## YOUR OBJECTIVE
Your task is to gather the lines below that hold the string "CompositionType".

## DATA IN THIS EXERCISE
************

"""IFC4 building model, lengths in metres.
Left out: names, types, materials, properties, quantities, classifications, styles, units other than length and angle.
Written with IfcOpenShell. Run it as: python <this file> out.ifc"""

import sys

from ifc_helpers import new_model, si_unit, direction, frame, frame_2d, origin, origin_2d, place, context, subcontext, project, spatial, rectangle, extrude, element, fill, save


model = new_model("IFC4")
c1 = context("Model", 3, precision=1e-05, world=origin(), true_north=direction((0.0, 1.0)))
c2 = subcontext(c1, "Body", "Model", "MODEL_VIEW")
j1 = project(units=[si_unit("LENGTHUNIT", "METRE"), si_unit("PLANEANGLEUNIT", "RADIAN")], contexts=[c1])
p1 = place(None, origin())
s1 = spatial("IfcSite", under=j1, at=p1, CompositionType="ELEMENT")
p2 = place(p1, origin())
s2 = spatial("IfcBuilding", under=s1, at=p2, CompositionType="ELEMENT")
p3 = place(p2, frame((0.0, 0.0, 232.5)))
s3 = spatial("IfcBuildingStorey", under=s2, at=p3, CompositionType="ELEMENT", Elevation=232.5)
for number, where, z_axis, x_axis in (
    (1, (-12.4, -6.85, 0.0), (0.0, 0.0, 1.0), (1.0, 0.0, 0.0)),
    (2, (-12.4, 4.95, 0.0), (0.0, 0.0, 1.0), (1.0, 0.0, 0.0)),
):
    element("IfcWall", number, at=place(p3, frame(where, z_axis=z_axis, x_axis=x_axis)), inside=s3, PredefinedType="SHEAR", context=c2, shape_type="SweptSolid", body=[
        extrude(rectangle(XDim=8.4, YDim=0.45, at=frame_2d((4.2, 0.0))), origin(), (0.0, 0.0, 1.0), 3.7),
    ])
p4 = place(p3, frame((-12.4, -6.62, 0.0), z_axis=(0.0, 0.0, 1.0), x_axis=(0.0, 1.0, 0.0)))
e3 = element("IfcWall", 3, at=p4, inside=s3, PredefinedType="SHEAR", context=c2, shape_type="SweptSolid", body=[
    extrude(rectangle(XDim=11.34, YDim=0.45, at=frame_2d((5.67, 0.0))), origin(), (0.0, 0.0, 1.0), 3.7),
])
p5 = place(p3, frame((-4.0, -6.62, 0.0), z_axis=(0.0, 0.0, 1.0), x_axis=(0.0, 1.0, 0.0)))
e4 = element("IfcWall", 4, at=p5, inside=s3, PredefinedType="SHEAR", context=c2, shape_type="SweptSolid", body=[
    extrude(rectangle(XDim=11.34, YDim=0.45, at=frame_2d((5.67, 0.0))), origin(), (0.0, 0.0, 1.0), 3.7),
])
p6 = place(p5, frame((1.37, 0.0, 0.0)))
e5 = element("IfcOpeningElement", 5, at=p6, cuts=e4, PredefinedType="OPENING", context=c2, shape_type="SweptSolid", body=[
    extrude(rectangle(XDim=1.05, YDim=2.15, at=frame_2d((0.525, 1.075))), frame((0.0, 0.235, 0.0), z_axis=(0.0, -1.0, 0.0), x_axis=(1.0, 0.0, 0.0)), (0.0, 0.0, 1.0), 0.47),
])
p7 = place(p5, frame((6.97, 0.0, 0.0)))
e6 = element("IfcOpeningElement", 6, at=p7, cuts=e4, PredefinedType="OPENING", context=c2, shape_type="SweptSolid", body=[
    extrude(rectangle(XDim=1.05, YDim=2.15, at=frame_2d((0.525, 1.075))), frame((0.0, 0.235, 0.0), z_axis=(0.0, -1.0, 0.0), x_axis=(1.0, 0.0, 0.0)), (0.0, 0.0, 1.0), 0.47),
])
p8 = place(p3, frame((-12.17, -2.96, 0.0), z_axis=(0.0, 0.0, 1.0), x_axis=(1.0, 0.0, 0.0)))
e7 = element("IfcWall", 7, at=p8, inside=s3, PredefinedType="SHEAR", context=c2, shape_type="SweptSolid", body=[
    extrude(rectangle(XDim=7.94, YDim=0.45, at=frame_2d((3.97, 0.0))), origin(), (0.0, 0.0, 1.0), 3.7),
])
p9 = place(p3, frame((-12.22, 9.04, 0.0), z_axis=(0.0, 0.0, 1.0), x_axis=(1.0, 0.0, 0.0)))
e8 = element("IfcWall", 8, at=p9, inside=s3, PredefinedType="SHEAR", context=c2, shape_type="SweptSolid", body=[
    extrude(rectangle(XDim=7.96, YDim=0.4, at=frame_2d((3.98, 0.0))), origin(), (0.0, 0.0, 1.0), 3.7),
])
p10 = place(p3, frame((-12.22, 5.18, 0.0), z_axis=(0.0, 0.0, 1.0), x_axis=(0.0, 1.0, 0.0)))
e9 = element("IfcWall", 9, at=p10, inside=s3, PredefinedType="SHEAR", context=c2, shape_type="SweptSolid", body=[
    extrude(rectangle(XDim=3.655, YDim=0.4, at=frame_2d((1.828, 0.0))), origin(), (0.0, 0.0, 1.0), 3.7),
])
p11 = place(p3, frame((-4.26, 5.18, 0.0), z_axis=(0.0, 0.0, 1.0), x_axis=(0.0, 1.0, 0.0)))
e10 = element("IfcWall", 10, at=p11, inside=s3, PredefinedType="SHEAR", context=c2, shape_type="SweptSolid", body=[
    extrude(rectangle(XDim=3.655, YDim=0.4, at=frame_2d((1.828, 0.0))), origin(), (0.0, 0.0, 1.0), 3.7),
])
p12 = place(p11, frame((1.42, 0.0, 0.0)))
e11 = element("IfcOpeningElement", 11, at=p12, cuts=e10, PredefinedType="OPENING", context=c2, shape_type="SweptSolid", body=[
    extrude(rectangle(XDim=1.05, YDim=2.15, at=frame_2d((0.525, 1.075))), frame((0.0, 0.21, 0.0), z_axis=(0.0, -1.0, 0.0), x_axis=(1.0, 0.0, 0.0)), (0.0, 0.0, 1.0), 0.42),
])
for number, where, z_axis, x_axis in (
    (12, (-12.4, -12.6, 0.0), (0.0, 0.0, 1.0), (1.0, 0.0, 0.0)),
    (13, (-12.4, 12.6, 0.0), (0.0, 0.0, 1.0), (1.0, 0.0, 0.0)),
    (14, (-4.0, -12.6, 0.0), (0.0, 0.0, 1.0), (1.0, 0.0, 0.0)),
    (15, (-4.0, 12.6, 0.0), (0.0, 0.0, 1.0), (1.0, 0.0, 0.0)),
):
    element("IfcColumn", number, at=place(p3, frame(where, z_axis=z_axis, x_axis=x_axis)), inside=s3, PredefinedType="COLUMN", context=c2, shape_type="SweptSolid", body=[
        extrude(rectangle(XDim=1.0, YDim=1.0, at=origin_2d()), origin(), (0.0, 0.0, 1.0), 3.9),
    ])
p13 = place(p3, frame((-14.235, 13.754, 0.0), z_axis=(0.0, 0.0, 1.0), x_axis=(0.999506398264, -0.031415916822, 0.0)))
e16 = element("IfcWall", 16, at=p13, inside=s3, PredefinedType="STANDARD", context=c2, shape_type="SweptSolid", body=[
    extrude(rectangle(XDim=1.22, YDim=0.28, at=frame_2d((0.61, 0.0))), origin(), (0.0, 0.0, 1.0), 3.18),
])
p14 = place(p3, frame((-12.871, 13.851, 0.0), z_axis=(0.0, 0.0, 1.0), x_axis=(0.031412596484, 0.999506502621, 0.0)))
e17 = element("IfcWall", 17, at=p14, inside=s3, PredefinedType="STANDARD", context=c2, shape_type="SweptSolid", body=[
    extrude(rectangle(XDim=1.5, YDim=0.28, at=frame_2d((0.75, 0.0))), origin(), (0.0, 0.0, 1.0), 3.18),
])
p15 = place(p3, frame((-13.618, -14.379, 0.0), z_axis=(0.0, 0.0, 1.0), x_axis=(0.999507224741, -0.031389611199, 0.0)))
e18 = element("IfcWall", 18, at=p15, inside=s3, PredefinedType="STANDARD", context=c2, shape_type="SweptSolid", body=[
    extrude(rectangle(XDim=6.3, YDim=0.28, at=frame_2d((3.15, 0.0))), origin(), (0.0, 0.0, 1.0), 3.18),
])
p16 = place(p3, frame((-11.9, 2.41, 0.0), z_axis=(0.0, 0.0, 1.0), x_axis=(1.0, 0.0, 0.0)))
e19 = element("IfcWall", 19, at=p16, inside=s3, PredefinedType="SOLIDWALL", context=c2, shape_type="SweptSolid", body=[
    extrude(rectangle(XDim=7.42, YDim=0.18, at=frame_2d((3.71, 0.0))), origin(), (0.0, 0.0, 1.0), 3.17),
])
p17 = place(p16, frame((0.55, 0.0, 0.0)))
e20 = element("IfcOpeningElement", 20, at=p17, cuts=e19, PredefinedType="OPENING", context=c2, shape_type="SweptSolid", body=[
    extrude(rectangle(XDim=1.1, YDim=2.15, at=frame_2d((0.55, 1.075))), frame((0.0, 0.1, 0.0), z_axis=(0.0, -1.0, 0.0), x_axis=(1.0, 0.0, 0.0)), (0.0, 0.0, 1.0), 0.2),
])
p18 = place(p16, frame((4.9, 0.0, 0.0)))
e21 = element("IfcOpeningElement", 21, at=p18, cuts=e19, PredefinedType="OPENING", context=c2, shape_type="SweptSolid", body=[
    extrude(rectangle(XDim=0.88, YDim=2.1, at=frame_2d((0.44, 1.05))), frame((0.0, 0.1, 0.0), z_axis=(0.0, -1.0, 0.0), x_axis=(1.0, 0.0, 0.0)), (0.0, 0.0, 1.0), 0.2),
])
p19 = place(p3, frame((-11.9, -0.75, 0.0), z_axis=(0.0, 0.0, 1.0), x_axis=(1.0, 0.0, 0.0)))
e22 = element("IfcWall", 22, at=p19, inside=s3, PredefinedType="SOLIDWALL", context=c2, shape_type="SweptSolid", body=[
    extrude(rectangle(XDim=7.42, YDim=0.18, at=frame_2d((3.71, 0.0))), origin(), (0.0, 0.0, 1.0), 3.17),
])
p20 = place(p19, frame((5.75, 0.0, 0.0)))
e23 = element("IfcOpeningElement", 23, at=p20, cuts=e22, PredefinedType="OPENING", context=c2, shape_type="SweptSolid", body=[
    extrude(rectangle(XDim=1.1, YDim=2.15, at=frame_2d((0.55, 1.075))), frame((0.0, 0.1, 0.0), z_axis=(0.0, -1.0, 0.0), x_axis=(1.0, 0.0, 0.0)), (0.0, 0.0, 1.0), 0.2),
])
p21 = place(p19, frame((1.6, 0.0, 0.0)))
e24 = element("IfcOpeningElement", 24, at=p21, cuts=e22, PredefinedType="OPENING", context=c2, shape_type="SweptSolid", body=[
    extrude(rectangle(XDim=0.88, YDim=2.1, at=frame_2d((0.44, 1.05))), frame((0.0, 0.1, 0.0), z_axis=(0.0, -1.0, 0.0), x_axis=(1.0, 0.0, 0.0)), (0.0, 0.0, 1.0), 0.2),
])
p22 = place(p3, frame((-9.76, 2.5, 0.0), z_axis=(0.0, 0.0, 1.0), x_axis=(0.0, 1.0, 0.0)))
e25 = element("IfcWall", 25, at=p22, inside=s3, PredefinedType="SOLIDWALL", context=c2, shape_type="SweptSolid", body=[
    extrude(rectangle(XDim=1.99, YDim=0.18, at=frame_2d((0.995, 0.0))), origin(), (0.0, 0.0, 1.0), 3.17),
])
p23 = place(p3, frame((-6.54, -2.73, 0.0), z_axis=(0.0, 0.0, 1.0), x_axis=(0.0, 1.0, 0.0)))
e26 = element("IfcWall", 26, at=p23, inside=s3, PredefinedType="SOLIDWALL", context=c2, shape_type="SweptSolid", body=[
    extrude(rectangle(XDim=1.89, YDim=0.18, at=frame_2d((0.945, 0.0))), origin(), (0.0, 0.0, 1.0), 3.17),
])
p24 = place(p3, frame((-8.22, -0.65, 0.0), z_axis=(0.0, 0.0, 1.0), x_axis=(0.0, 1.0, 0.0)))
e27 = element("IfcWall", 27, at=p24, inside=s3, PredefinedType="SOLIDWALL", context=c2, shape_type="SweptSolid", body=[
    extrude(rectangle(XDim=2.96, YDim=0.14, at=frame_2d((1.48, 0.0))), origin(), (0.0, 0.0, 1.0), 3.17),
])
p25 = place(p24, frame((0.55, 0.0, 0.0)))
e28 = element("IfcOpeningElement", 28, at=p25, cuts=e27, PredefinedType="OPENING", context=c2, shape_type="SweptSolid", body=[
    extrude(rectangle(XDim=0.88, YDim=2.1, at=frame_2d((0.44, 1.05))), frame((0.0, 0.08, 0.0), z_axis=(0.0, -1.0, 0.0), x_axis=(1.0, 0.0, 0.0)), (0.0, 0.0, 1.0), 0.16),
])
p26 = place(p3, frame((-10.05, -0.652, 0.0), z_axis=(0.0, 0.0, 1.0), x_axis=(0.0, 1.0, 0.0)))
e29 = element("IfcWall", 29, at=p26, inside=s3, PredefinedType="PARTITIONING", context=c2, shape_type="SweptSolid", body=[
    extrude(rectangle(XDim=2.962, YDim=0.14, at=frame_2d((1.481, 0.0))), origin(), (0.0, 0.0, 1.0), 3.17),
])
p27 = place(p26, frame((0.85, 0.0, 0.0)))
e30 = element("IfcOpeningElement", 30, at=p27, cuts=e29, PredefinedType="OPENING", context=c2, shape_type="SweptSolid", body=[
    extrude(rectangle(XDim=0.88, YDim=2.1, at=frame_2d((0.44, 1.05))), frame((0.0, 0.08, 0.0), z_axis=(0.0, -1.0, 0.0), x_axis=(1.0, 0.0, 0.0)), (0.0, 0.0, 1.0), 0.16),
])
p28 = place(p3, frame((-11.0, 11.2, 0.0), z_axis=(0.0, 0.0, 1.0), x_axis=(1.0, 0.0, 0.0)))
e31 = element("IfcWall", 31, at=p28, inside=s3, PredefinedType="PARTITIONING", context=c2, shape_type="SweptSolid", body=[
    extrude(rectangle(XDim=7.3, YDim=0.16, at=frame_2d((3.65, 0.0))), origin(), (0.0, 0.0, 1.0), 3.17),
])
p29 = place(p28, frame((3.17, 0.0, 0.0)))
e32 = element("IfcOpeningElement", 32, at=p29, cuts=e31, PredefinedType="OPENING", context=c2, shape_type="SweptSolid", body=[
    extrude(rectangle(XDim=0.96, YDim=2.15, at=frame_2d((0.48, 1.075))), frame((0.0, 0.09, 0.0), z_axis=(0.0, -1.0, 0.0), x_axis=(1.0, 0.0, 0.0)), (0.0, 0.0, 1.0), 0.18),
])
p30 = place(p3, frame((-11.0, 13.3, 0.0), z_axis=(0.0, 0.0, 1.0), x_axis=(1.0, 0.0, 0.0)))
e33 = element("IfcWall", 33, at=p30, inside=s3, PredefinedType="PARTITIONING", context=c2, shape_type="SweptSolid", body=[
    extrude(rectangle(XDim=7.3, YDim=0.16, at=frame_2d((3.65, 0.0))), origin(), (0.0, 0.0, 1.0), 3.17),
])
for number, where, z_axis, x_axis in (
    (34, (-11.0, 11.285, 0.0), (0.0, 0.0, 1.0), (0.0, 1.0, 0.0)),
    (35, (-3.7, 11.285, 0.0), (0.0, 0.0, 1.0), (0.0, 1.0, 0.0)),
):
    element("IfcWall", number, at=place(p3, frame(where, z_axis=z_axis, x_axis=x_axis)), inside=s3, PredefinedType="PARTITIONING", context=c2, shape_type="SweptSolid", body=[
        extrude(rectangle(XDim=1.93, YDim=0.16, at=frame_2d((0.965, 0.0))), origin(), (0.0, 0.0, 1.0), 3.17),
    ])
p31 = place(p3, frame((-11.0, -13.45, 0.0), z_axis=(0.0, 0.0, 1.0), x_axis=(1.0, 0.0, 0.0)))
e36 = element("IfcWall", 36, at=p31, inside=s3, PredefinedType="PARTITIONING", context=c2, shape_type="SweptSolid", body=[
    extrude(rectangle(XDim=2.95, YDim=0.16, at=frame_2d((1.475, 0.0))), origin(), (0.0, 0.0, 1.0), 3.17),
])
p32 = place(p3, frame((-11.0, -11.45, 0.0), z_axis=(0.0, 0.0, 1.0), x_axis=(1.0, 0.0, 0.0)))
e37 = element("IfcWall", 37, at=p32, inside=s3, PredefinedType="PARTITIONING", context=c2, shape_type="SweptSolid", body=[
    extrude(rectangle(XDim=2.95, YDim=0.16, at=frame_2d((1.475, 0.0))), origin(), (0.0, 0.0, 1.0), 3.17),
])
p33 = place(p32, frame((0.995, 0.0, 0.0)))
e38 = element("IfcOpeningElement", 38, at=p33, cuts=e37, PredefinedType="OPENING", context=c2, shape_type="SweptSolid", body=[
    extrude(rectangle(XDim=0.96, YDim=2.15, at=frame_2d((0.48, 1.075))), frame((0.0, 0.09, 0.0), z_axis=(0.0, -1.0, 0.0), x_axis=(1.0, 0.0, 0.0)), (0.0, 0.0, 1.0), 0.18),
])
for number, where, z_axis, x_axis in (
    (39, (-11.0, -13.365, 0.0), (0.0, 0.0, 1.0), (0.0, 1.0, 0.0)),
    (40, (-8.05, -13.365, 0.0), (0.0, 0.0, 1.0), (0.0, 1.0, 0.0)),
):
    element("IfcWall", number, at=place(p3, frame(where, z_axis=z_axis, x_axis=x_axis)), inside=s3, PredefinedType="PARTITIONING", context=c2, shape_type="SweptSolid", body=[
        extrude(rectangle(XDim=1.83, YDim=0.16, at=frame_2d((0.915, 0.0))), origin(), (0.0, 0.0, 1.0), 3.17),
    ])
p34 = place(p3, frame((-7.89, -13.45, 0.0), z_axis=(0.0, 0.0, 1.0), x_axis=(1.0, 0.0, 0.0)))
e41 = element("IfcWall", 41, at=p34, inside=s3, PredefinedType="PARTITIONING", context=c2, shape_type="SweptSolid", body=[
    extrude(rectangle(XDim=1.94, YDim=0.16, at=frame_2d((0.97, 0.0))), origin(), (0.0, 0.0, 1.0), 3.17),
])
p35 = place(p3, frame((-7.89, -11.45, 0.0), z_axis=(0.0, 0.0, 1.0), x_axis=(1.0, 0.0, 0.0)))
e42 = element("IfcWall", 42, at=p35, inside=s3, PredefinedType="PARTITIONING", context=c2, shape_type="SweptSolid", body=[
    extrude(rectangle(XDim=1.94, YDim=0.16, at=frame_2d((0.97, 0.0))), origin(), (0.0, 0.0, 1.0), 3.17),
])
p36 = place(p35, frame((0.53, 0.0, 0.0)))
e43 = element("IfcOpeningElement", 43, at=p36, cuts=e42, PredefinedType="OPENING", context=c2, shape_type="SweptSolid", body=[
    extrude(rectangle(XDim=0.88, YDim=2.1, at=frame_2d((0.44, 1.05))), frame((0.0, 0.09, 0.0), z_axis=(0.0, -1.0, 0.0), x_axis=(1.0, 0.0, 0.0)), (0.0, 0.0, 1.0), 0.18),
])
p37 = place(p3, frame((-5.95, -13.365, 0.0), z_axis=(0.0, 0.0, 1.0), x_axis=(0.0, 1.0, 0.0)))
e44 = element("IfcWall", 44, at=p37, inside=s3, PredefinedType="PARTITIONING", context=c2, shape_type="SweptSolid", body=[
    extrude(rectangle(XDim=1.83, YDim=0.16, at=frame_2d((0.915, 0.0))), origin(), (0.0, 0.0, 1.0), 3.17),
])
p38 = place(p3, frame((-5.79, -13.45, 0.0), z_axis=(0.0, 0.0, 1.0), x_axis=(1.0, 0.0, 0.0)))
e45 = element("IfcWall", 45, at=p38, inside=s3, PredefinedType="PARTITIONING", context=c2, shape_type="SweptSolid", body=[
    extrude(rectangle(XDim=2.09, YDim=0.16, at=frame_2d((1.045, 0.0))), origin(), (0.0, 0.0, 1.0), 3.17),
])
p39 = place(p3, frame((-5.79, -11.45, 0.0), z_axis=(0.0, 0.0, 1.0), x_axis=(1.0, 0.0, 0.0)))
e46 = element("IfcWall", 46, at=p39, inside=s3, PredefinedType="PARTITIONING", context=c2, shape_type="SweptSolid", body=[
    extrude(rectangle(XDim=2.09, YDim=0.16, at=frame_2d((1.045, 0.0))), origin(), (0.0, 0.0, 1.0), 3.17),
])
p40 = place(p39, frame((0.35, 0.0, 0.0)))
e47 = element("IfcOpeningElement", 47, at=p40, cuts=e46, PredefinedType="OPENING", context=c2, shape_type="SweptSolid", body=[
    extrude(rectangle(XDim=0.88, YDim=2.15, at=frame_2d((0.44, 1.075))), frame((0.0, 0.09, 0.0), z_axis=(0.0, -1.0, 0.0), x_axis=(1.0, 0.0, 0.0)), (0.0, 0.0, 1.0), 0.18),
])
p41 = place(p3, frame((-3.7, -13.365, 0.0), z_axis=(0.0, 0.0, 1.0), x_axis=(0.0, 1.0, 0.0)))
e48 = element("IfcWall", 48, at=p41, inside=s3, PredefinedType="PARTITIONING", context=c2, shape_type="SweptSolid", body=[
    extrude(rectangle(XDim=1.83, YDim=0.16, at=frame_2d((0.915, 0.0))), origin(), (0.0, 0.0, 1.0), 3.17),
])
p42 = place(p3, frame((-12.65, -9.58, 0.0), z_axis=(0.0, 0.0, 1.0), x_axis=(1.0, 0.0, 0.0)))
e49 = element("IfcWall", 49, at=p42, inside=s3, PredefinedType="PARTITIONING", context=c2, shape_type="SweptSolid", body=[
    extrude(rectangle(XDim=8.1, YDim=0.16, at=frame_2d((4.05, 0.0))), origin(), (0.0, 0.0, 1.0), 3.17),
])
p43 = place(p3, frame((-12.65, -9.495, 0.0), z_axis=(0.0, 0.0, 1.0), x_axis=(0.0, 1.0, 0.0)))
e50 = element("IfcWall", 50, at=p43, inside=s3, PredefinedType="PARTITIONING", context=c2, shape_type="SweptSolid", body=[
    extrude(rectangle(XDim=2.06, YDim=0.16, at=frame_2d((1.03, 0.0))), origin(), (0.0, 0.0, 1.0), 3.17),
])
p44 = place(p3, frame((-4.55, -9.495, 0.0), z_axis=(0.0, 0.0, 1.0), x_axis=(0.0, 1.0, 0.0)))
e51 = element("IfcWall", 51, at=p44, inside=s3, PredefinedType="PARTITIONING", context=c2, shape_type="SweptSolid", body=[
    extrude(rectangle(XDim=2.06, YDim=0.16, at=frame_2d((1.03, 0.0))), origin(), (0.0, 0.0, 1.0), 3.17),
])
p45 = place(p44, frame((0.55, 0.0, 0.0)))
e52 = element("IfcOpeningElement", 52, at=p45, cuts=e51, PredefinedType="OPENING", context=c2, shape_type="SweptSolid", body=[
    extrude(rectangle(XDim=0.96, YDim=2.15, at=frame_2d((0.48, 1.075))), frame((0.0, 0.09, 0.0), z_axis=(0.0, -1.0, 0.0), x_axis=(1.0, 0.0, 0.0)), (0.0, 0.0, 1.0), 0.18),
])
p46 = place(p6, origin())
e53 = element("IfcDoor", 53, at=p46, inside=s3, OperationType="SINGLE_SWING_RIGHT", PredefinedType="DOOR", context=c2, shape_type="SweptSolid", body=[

************

## RESULT FOR THIS TASK
s1 = spatial("IfcSite", under=j1, at=p1, CompositionType="ELEMENT")
s2 = spatial("IfcBuilding", under=s1, at=p2, CompositionType="ELEMENT")
s3 = spatial("IfcBuildingStorey", under=s2, at=p3, CompositionType="ELEMENT", Elevation=232.5)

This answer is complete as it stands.